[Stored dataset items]
+ + +

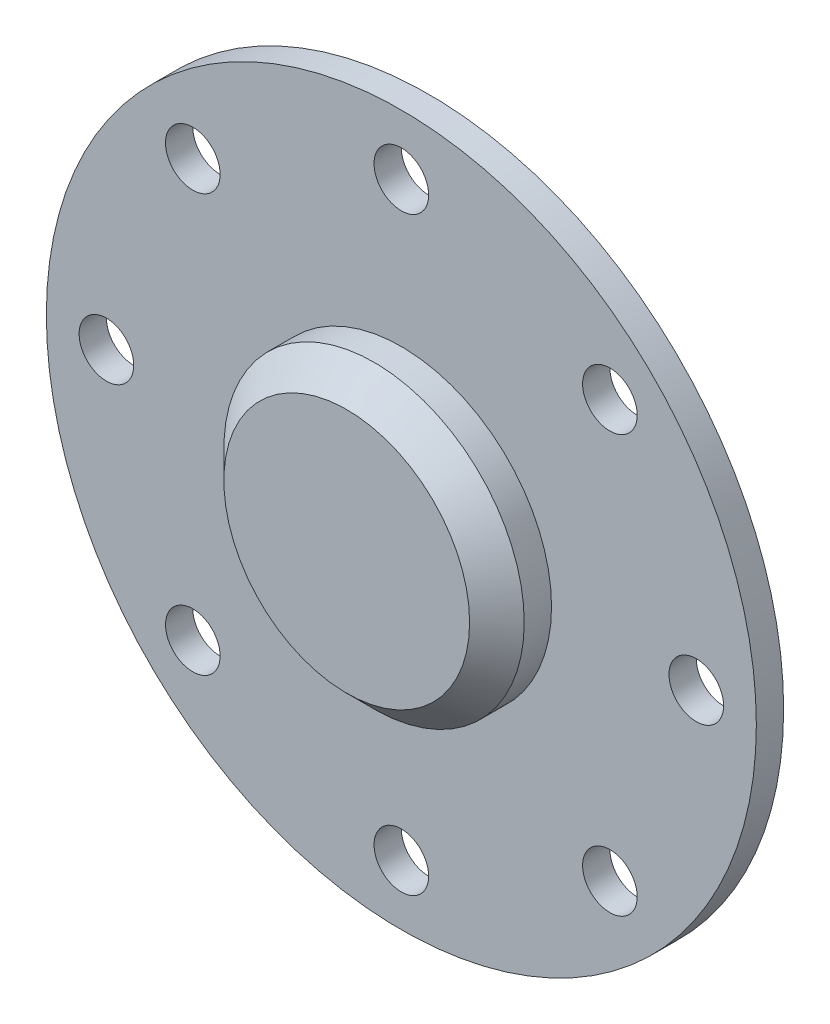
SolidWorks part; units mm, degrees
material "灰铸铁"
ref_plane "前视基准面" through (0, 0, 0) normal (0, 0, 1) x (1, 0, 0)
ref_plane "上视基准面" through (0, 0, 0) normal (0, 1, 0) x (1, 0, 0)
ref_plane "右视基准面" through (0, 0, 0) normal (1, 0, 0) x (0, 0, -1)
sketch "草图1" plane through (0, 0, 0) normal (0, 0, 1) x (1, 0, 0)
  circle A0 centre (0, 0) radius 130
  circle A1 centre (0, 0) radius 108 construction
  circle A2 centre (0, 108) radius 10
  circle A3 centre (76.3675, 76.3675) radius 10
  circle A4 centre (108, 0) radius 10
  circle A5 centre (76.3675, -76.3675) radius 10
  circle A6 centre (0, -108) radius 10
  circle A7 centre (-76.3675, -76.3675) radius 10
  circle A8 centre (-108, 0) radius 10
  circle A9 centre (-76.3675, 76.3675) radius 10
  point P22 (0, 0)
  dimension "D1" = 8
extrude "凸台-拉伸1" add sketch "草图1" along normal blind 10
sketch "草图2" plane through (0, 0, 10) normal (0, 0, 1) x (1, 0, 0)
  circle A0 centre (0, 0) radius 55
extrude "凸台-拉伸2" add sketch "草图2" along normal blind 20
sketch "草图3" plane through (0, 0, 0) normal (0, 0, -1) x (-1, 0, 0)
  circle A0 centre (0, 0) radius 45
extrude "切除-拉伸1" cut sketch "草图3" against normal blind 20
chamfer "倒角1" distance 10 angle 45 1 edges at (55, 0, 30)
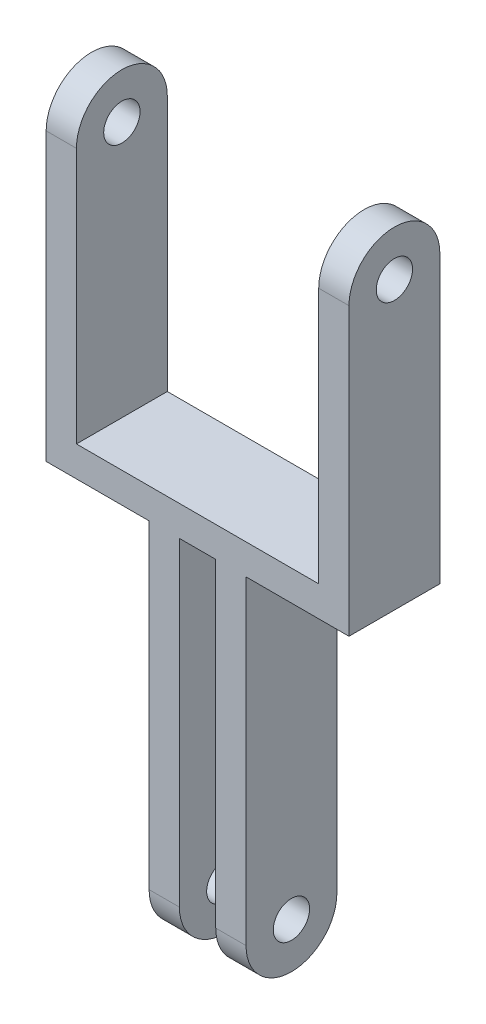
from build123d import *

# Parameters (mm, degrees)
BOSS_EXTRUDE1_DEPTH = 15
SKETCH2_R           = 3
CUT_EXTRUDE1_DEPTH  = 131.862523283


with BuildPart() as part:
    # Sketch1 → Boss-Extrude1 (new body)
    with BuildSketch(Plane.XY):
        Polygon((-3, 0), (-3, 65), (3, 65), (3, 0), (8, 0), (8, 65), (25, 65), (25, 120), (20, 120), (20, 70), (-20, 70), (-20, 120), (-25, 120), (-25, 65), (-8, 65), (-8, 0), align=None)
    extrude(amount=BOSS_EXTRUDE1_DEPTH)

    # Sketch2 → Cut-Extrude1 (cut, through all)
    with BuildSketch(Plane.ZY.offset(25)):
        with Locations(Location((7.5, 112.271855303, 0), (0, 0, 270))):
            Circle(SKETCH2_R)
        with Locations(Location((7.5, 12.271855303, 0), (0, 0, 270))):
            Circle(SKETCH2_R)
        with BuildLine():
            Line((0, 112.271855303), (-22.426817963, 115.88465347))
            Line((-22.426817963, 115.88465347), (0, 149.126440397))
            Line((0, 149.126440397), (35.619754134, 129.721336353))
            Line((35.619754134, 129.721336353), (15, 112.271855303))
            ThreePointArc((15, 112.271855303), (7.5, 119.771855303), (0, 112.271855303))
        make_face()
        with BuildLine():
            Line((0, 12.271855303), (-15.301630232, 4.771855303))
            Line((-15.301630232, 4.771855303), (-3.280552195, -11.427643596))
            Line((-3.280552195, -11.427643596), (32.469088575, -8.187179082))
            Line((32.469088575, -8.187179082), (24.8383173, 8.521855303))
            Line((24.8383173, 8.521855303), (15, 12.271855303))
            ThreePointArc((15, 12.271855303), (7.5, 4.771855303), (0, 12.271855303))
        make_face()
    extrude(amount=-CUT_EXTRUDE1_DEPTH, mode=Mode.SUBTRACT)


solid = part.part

+ + +

-- What to work on --
You are asked to count the lines of the records above in which the word "amount" occurs, and to give only that number.

-- Output below --
2